**Prompt:** Below are the records; copy exactly the stretch from the line containing "x_axis=(0.999951550029, 0.009843657588, 0.0)))" through the line containing "p16 = place(p15, frame((3.9, 0.0, 0.0)))", both ends included, and nothing else.

**Items from a data source:**
--------------------

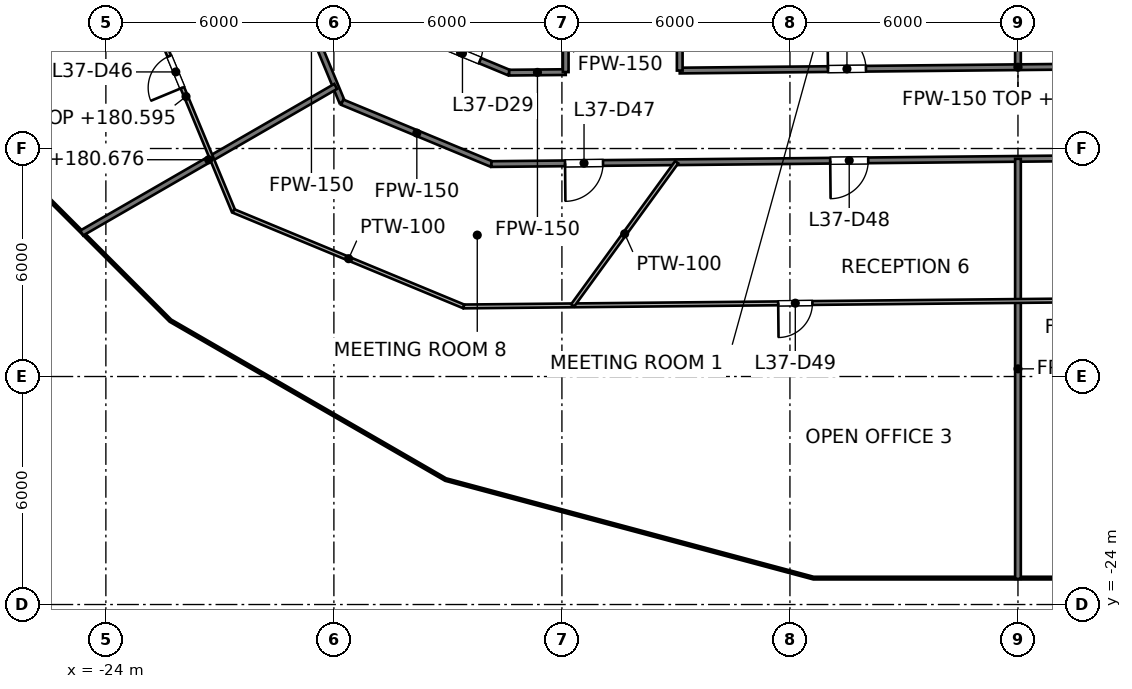
"""IFC4 building model, lengths in metres.
Left out: names, types, materials, properties, quantities, classifications, styles, units other than length and angle.
Written with IfcOpenShell. Run it as: python <this file> out.ifc"""

import sys

from ifc_helpers import new_model, si_unit, direction, frame, frame_2d, origin, place, context, subcontext, project, spatial, rectangle, extrude, element, fill, save


model = new_model("IFC4")
c1 = context("Model", 3, precision=1e-05, world=origin(), true_north=direction((0.0, 1.0)))
c2 = subcontext(c1, "Body", "Model", "MODEL_VIEW")
j1 = project(units=[si_unit("LENGTHUNIT", "METRE"), si_unit("PLANEANGLEUNIT", "RADIAN")], contexts=[c1])
p1 = place(None, origin())
s1 = spatial("IfcSite", under=j1, at=p1, CompositionType="ELEMENT")
p2 = place(p1, origin())
s2 = spatial("IfcBuilding", under=s1, at=p2, CompositionType="ELEMENT")
p3 = place(p2, frame((0.0, 0.0, 177.6)))
s3 = spatial("IfcBuildingStorey", under=s2, at=p3, CompositionType="ELEMENT", Elevation=177.6)
p4 = place(p3, frame((-19.4, -6.876, 0.0), z_axis=(0.0, 0.0, 1.0), x_axis=(0.382843135608, -0.92381336509, 0.0)))
e1 = element("IfcWall", 1, at=p4, inside=s3, PredefinedType="PARTITIONING", context=c2, shape_type="SweptSolid", body=[
    extrude(rectangle(XDim=4.227, YDim=0.15, at=frame_2d((2.114, 0.0))), origin(), (0.0, 0.0, 1.0), 2.995),
])
p5 = place(p4, frame((1.438, 0.0, 0.0)))
e2 = element("IfcOpeningElement", 2, at=p5, cuts=e1, PredefinedType="OPENING", context=c2, shape_type="SweptSolid", body=[
    extrude(rectangle(XDim=1.0, YDim=2.1, at=frame_2d((0.5, 1.05))), frame((0.0, 0.075, 0.0), z_axis=(0.0, -1.0, 0.0), x_axis=(1.0, 0.0, 0.0)), (0.0, 0.0, 1.0), 0.15),
])
p6 = place(p3, frame((-17.781, -10.781, 0.0), z_axis=(0.0, 0.0, 1.0), x_axis=(0.923814466195, -0.382840478592, 0.0)))
e3 = element("IfcWall", 3, at=p6, inside=s3, PredefinedType="PARTITIONING", context=c2, shape_type="SweptSolid", body=[
    extrude(rectangle(XDim=4.25, YDim=0.15, at=frame_2d((2.125, 0.0))), origin(), (0.0, 0.0, 1.0), 2.995),
])
p7 = place(p3, frame((-15.945, -8.945, 0.0), z_axis=(0.0, 0.0, 1.0), x_axis=(0.923818976108, -0.382829595752, 0.0)))
e4 = element("IfcWall", 4, at=p7, inside=s3, PredefinedType="PARTITIONING", context=c2, shape_type="SweptSolid", body=[
    extrude(rectangle(XDim=2.768, YDim=0.15, at=frame_2d((1.384, 0.0))), origin(), (0.0, 0.0, 1.0), 2.995),
])
p8 = place(p7, frame((0.938, 0.0, 0.0)))
e5 = element("IfcOpeningElement", 5, at=p8, cuts=e4, PredefinedType="OPENING", context=c2, shape_type="SweptSolid", body=[
    extrude(rectangle(XDim=1.0, YDim=2.1, at=frame_2d((0.5, 1.05))), frame((0.0, 0.075, 0.0), z_axis=(0.0, -1.0, 0.0), x_axis=(1.0, 0.0, 0.0)), (0.0, 0.0, 1.0), 0.15),
])
p9 = place(p3, frame((-13.855, -12.409, 0.0), z_axis=(0.0, 0.0, 1.0), x_axis=(0.999951009258, 0.009898438446, 0.0)))
e6 = element("IfcWall", 6, at=p9, inside=s3, PredefinedType="PARTITIONING", context=c2, shape_type="SweptSolid", body=[
    extrude(rectangle(XDim=30.411, YDim=0.15, at=frame_2d((15.206, 0.0))), origin(), (0.0, 0.0, 1.0), 2.927),
])
p10 = place(p9, frame((16.877, 0.0, 0.0)))
e7 = element("IfcOpeningElement", 7, at=p10, cuts=e6, PredefinedType="OPENING", context=c2, shape_type="SweptSolid", body=[
    extrude(rectangle(XDim=1.0, YDim=2.1, at=frame_2d((0.5, 1.05))), frame((0.0, 0.075, 0.0), z_axis=(0.0, -1.0, 0.0), x_axis=(1.0, 0.0, 0.0)), (0.0, 0.0, 1.0), 0.15),
])
p11 = place(p9, frame((25.106, 0.0, 0.0)))
e8 = element("IfcOpeningElement", 8, at=p11, cuts=e6, PredefinedType="OPENING", context=c2, shape_type="SweptSolid", body=[
    extrude(rectangle(XDim=1.0, YDim=2.1, at=frame_2d((0.5, 1.05))), frame((0.0, 0.075, 0.0), z_axis=(0.0, -1.0, 0.0), x_axis=(1.0, 0.0, 0.0)), (0.0, 0.0, 1.0), 0.15),
])
p12 = place(p9, frame((1.937, 0.0, 0.0)))
e9 = element("IfcOpeningElement", 9, at=p12, cuts=e6, PredefinedType="OPENING", context=c2, shape_type="SweptSolid", body=[
    extrude(rectangle(XDim=1.0, YDim=2.1, at=frame_2d((0.5, 1.05))), frame((0.0, 0.075, 0.0), z_axis=(0.0, -1.0, 0.0), x_axis=(1.0, 0.0, 0.0)), (0.0, 0.0, 1.0), 0.15),
])
p13 = place(p9, frame((8.915, 0.0, 0.0)))
e10 = element("IfcOpeningElement", 10, at=p13, cuts=e6, PredefinedType="OPENING", context=c2, shape_type="SweptSolid", body=[
    extrude(rectangle(XDim=1.0, YDim=2.1, at=frame_2d((0.5, 1.05))), frame((0.0, 0.075, 0.0), z_axis=(0.0, -1.0, 0.0), x_axis=(1.0, 0.0, 0.0)), (0.0, 0.0, 1.0), 0.15),
])
p14 = place(p3, frame((-13.388, -10.004, 0.0), z_axis=(0.0, 0.0, 1.0), x_axis=(0.999951550029, 0.009843657588, 0.0)))
e11 = element("IfcWall", 11, at=p14, inside=s3, PredefinedType="PARTITIONING", context=c2, shape_type="SweptSolid", body=[
    extrude(rectangle(XDim=1.488, YDim=0.15, at=frame_2d((0.744, 0.0))), origin(), (0.0, 0.0, 1.0), 2.995),
])
p15 = place(p3, frame((-8.9, -9.949, 0.0), z_axis=(0.0, 0.0, 1.0), x_axis=(0.999950969978, 0.009902405776, 0.0)))
e12 = element("IfcWall", 12, at=p15, inside=s3, PredefinedType="PARTITIONING", context=c2, shape_type="SweptSolid", body=[
    extrude(rectangle(XDim=17.801, YDim=0.15, at=frame_2d((8.9, 0.0))), origin(), (0.0, 0.0, 1.0), 2.927),
])
p16 = place(p15, frame((3.9, 0.0, 0.0)))
e13 = element("IfcOpeningElement", 13, at=p16, cuts=e12, PredefinedType="OPENING", context=c2, shape_type="SweptSolid", body=[
    extrude(rectangle(XDim=1.0, YDim=2.1, at=frame_2d((0.5, 1.05))), frame((0.0, 0.075, 0.0), z_axis=(0.0, -1.0, 0.0), x_axis=(1.0, 0.0, 0.0)), (0.0, 0.0, 1.0), 0.15),
])
p17 = place(p15, frame((12.801, 0.0, 0.0)))
e14 = element("IfcOpeningElement", 14, at=p17, cuts=e12, PredefinedType="OPENING", context=c2, shape_type="SweptSolid", body=[
    extrude(rectangle(XDim=1.0, YDim=2.1, at=frame_2d((0.5, 1.05))), frame((0.0, 0.075, 0.0), z_axis=(0.0, -1.0, 0.0), x_axis=(1.0, 0.0, 0.0)), (0.0, 0.0, 1.0), 0.15),
])
p18 = place(p3, frame((-24.636, -14.224, 0.0), z_axis=(0.0, 0.0, 1.0), x_axis=(0.866036485599, 0.499980805243, 0.0)))
e15 = element("IfcWall", 15, at=p18, inside=s3, PredefinedType="PARTITIONING", context=c2, shape_type="SweptSolid", body=[
    extrude(rectangle(XDim=7.717, YDim=0.15, at=frame_2d((3.858, 0.0))), origin(), (0.0, 0.0, 1.0), 3.076),
])
p19 = place(p3, frame((0.0, -23.325, 0.0), z_axis=(0.0, 0.0, 1.0), x_axis=(0.0, 1.0, 0.0)))
e16 = element("IfcWall", 16, at=p19, inside=s3, PredefinedType="PARTITIONING", context=c2, shape_type="SweptSolid", body=[
    extrude(rectangle(XDim=11.054, YDim=0.15, at=frame_2d((5.527, 0.0))), origin(), (0.0, 0.0, 1.0), 2.927),
])
p20 = place(p3, frame((0.0, -9.861, 0.0), z_axis=(0.0, 0.0, 1.0), x_axis=(0.0, 1.0, 0.0)))
e17 = element("IfcWall", 17, at=p20, inside=s3, PredefinedType="PARTITIONING", context=c2, shape_type="SweptSolid", body=[
    extrude(rectangle(XDim=1.861, YDim=0.15, at=frame_2d((0.931, 0.0))), origin(), (0.0, 0.0, 1.0), 2.927),
])
p21 = place(p3, frame((-8.9, -9.949, 0.0), z_axis=(0.0, 0.0, 1.0), x_axis=(0.0, 1.0, 0.0)))
e18 = element("IfcWall", 18, at=p21, inside=s3, PredefinedType="PARTITIONING", context=c2, shape_type="SweptSolid", body=[
    extrude(rectangle(XDim=1.949, YDim=0.15, at=frame_2d((0.975, 0.0))), origin(), (0.0, 0.0, 1.0), 2.927),
])
p22 = place(p3, frame((-11.9, -9.989, 0.0), z_axis=(0.0, 0.0, 1.0), x_axis=(0.0, 1.0, 0.0)))
e19 = element("IfcWall", 19, at=p22, inside=s3, PredefinedType="PARTITIONING", context=c2, shape_type="SweptSolid", body=[
    extrude(rectangle(XDim=1.989, YDim=0.15, at=frame_2d((0.995, 0.0))), origin(), (0.0, 0.0, 1.0), 2.995),
])
p23 = place(p3, frame((-23.14, -7.621, 0.0), z_axis=(0.0, 0.0, 1.0), x_axis=(0.383080493462, -0.923714964439, 0.0)))
e20 = element("IfcWall", 20, at=p23, inside=s3, PredefinedType="PARTITIONING", context=c2, shape_type="SweptSolid", body=[
    extrude(rectangle(XDim=6.519, YDim=0.1, at=frame_2d((3.26, 0.0))), origin(), (0.0, 0.0, 1.0), 2.995),
])
p24 = place(p23, frame((2.109, 0.0, 0.0)))
e21 = element("IfcOpeningElement", 21, at=p24, cuts=e20, PredefinedType="OPENING", context=c2, shape_type="SweptSolid", body=[
    extrude(rectangle(XDim=0.9, YDim=2.1, at=frame_2d((0.45, 1.05))), frame((0.0, 0.05, 0.0), z_axis=(0.0, -1.0, 0.0), x_axis=(1.0, 0.0, 0.0)), (0.0, 0.0, 1.0), 0.1),
])
p25 = place(p3, frame((-20.643, -13.643, 0.0), z_axis=(0.0, 0.0, 1.0), x_axis=(0.923751425001, -0.382992564953, 0.0)))
e22 = element("IfcWall", 22, at=p25, inside=s3, PredefinedType="PARTITIONING", context=c2, shape_type="SweptSolid", body=[
    extrude(rectangle(XDim=6.561, YDim=0.1, at=frame_2d((3.281, 0.0))), origin(), (0.0, 0.0, 1.0), 2.927),
])
p26 = place(p3, frame((-14.582, -16.156, 0.0), z_axis=(0.0, 0.0, 1.0), x_axis=(0.999951338757, 0.009865095958, 0.0)))
e23 = element("IfcWall", 23, at=p26, inside=s3, PredefinedType="PARTITIONING", context=c2, shape_type="SweptSolid", body=[
    extrude(rectangle(XDim=33.311, YDim=0.1, at=frame_2d((16.655, 0.0))), origin(), (0.0, 0.0, 1.0), 2.927),
])
p27 = place(p26, frame((27.692, 0.0, 0.0)))
e24 = element("IfcOpeningElement", 24, at=p27, cuts=e23, PredefinedType="OPENING", context=c2, shape_type="SweptSolid", body=[
    extrude(rectangle(XDim=1.8, YDim=2.1, at=frame_2d((0.9, 1.05))), frame((0.0, 0.05, 0.0), z_axis=(0.0, -1.0, 0.0), x_axis=(1.0, 0.0, 0.0)), (0.0, 0.0, 1.0), 0.1),
])
p28 = place(p26, frame((8.273, 0.0, 0.0)))
e25 = element("IfcOpeningElement", 25, at=p28, cuts=e23, PredefinedType="OPENING", context=c2, shape_type="SweptSolid", body=[
    extrude(rectangle(XDim=0.9, YDim=2.1, at=frame_2d((0.45, 1.05))), frame((0.0, 0.05, 0.0), z_axis=(0.0, -1.0, 0.0), x_axis=(1.0, 0.0, 0.0)), (0.0, 0.0, 1.0), 0.1),
])
p29 = place(p3, frame((-11.717, -16.128, 0.0), z_axis=(0.0, 0.0, 1.0), x_axis=(0.587825586486, 0.808987688332, 0.0)))
e26 = element("IfcWall", 26, at=p29, inside=s3, PredefinedType="PARTITIONING", context=c2, shape_type="SweptSolid", body=[
    extrude(rectangle(XDim=4.656, YDim=0.1, at=frame_2d((2.328, 0.0))), origin(), (0.0, 0.0, 1.0), 2.927),
])
p30 = place(p16, origin())
e27 = element("IfcDoor", 27, at=p30, inside=s3, OperationType="SINGLE_SWING_LEFT", PredefinedType="DOOR", context=c2, shape_type="SweptSolid", body=[
    extrude(rectangle(XDim=1.0, YDim=2.1, at=frame_2d((0.5, 1.05))), frame((0.0, 0.025, 0.0), z_axis=(0.0, -1.0, 0.0), x_axis=(1.0, 0.0, 0.0)), (0.0, 0.0, 1.0), 0.05),
])
fill(e13, e27)
p31 = place(p8, origin())
e28 = element("IfcDoor", 28, at=p31, inside=s3, OperationType="SINGLE_SWING_LEFT", PredefinedType="DOOR", context=c2, shape_type="SweptSolid", body=[
    extrude(rectangle(XDim=1.0, YDim=2.1, at=frame_2d((0.5, 1.05))), frame((0.0, 0.025, 0.0), z_axis=(0.0, -1.0, 0.0), x_axis=(1.0, 0.0, 0.0)), (0.0, 0.0, 1.0), 0.05),
])
fill(e5, e28)
p32 = place(p24, origin())
e29 = element("IfcDoor", 29, at=p32, inside=s3, OperationType="SINGLE_SWING_RIGHT", PredefinedType="DOOR", context=c2, shape_type="SweptSolid", body=[
    extrude(rectangle(XDim=0.9, YDim=2.1, at=frame_2d((0.45, 1.05))), frame((0.0, 0.025, 0.0), z_axis=(0.0, -1.0, 0.0), x_axis=(1.0, 0.0, 0.0)), (0.0, 0.0, 1.0), 0.05),
])
fill(e21, e29)
p33 = place(p12, origin())
e30 = element("IfcDoor", 30, at=p33, inside=s3, OperationType="SINGLE_SWING_LEFT", PredefinedType="DOOR", context=c2, shape_type="SweptSolid", body=[
    extrude(rectangle(XDim=1.0, YDim=2.1, at=frame_2d((0.5, 1.05))), frame((0.0, 0.025, 0.0), z_axis=(0.0, -1.0, 0.0), x_axis=(1.0, 0.0, 0.0)), (0.0, 0.0, 1.0), 0.05),
])
fill(e9, e30)
p34 = place(p13, origin())
e31 = element("IfcDoor", 31, at=p34, inside=s3, OperationType="SINGLE_SWING_LEFT", PredefinedType="DOOR", context=c2, shape_type="SweptSolid", body=[
    extrude(rectangle(XDim=1.0, YDim=2.1, at=frame_2d((0.5, 1.05))), frame((0.0, 0.025, 0.0), z_axis=(0.0, -1.0, 0.0), x_axis=(1.0, 0.0, 0.0)), (0.0, 0.0, 1.0), 0.05),
])
fill(e10, e31)
p35 = place(p28, origin())
e32 = element("IfcDoor", 32, at=p35, inside=s3, OperationType="SINGLE_SWING_LEFT", PredefinedType="DOOR", context=c2, shape_type="SweptSolid", body=[
    extrude(rectangle(XDim=0.9, YDim=2.1, at=frame_2d((0.45, 1.05))), frame((0.0, 0.025, 0.0), z_axis=(0.0, -1.0, 0.0), x_axis=(1.0, 0.0, 0.0)), (0.0, 0.0, 1.0), 0.05),
])
fill(e25, e32)
save(model, sys.argv[1])

--------------------

**Expected answer:**
p14 = place(p3, frame((-13.388, -10.004, 0.0), z_axis=(0.0, 0.0, 1.0), x_axis=(0.999951550029, 0.009843657588, 0.0)))
e11 = element("IfcWall", 11, at=p14, inside=s3, PredefinedType="PARTITIONING", context=c2, shape_type="SweptSolid", body=[
    extrude(rectangle(XDim=1.488, YDim=0.15, at=frame_2d((0.744, 0.0))), origin(), (0.0, 0.0, 1.0), 2.995),
])
p15 = place(p3, frame((-8.9, -9.949, 0.0), z_axis=(0.0, 0.0, 1.0), x_axis=(0.999950969978, 0.009902405776, 0.0)))
e12 = element("IfcWall", 12, at=p15, inside=s3, PredefinedType="PARTITIONING", context=c2, shape_type="SweptSolid", body=[
    extrude(rectangle(XDim=17.801, YDim=0.15, at=frame_2d((8.9, 0.0))), origin(), (0.0, 0.0, 1.0), 2.927),
])
p16 = place(p15, frame((3.9, 0.0, 0.0)))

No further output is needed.